**WORK REQUIRED**
For every line in the data below that contains "direction", copy the line.
◆ ◆ ◆ ◆
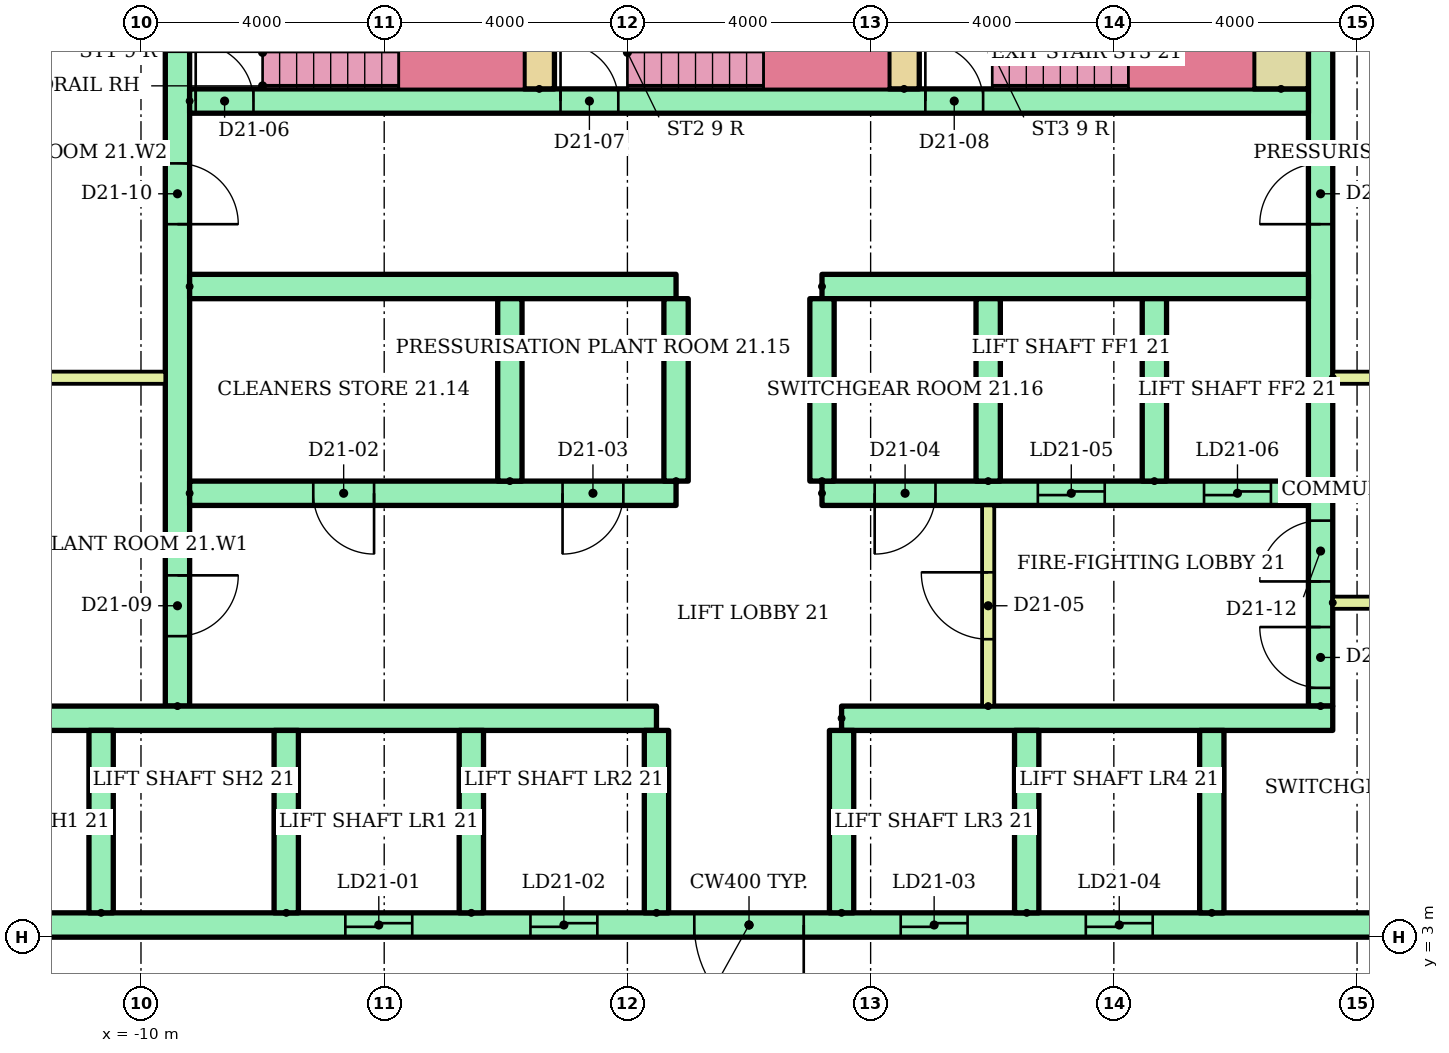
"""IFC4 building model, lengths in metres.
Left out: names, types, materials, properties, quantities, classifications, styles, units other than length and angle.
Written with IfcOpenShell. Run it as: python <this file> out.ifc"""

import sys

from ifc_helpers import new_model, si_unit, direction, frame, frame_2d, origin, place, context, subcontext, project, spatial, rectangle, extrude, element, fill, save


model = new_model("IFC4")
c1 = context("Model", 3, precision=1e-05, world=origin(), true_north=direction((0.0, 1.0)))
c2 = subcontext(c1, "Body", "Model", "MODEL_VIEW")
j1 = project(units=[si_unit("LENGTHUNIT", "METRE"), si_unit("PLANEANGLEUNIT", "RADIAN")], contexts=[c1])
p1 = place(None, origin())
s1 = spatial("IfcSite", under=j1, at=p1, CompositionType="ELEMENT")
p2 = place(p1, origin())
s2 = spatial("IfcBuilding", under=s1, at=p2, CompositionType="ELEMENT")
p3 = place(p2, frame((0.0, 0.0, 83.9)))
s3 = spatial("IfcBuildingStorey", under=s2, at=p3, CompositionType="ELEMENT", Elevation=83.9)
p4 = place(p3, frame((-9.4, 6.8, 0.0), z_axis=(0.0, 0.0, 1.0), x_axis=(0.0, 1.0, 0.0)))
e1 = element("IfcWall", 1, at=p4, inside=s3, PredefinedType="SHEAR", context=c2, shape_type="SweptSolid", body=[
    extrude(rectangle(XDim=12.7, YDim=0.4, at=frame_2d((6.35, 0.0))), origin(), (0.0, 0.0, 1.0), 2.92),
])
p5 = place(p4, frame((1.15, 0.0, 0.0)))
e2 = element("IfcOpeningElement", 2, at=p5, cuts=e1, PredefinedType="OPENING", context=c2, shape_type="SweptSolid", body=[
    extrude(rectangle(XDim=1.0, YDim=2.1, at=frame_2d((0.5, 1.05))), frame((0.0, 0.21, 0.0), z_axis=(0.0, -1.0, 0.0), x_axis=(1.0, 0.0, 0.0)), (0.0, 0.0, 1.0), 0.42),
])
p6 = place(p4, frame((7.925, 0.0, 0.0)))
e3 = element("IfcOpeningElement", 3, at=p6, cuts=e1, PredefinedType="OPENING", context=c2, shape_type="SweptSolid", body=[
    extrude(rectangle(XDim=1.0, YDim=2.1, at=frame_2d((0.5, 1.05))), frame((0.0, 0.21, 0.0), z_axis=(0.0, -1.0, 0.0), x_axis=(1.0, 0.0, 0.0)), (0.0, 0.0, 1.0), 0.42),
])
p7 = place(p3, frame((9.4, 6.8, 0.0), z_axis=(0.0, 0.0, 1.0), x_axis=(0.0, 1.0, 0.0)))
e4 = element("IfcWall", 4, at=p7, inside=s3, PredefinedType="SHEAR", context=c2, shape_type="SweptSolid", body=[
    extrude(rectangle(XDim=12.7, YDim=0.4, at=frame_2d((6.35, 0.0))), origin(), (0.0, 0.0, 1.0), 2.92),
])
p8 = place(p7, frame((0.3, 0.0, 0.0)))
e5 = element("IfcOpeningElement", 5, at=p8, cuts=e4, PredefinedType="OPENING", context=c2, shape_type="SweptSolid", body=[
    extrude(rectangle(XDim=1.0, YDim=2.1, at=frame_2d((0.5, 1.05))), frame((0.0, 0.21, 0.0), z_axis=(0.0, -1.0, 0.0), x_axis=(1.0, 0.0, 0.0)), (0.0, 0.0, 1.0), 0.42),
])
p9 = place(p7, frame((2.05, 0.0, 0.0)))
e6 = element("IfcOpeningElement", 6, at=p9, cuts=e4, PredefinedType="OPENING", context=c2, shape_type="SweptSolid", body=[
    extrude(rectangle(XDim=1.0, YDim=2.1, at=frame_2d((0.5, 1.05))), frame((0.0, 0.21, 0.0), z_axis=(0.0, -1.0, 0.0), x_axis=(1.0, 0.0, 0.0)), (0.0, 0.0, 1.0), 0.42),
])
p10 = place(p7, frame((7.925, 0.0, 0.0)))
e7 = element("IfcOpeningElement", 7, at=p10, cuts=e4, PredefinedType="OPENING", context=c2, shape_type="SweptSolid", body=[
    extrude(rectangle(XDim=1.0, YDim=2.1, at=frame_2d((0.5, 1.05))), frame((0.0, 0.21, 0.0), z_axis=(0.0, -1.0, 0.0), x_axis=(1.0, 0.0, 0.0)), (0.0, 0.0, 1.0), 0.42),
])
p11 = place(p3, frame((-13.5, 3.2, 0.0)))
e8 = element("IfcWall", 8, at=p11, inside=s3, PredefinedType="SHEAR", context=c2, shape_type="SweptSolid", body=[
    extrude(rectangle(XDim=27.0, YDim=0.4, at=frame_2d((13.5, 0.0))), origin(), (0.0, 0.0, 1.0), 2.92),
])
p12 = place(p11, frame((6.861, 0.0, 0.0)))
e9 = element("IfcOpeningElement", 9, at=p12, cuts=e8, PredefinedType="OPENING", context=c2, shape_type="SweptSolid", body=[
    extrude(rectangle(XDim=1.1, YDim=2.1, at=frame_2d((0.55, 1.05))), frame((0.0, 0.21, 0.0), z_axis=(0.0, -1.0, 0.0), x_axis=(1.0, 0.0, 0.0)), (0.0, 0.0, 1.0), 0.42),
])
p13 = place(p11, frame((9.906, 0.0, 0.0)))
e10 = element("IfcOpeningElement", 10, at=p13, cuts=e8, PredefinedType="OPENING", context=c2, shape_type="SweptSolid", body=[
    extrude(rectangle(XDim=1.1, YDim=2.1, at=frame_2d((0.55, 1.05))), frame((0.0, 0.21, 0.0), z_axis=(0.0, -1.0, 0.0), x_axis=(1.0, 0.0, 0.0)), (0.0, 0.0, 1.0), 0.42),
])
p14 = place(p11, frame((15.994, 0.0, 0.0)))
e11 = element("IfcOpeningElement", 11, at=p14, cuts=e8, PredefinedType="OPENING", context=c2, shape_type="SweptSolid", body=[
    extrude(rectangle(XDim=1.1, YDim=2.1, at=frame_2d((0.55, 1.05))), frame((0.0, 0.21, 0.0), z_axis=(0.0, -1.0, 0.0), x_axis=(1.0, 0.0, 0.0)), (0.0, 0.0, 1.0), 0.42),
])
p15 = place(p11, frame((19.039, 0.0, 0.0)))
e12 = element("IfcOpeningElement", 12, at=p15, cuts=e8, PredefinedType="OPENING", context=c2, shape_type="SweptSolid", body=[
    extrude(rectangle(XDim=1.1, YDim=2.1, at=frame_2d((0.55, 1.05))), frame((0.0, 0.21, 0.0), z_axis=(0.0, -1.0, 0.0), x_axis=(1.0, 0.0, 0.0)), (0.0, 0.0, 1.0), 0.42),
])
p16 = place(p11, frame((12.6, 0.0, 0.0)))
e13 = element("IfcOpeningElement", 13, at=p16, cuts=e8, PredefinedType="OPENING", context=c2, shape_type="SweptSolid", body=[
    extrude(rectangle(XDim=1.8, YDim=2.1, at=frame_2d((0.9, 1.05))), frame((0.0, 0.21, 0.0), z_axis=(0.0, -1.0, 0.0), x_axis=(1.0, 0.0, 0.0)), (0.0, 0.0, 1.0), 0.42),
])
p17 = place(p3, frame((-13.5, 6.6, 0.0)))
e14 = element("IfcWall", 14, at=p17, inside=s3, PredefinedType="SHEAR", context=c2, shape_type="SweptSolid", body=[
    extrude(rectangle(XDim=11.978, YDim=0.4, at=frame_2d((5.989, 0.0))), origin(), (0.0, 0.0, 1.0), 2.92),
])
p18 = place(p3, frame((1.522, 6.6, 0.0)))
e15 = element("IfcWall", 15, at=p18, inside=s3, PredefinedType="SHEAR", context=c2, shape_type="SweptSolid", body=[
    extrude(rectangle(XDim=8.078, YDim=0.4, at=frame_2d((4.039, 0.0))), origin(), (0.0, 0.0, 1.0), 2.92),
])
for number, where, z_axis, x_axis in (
◆ ◆ ◆ ◆
**PROBLEM SOLUTION**
from ifc_helpers import new_model, si_unit, direction, frame, frame_2d, origin, place, context, subcontext, project, spatial, rectangle, extrude, element, fill, save
c1 = context("Model", 3, precision=1e-05, world=origin(), true_north=direction((0.0, 1.0)))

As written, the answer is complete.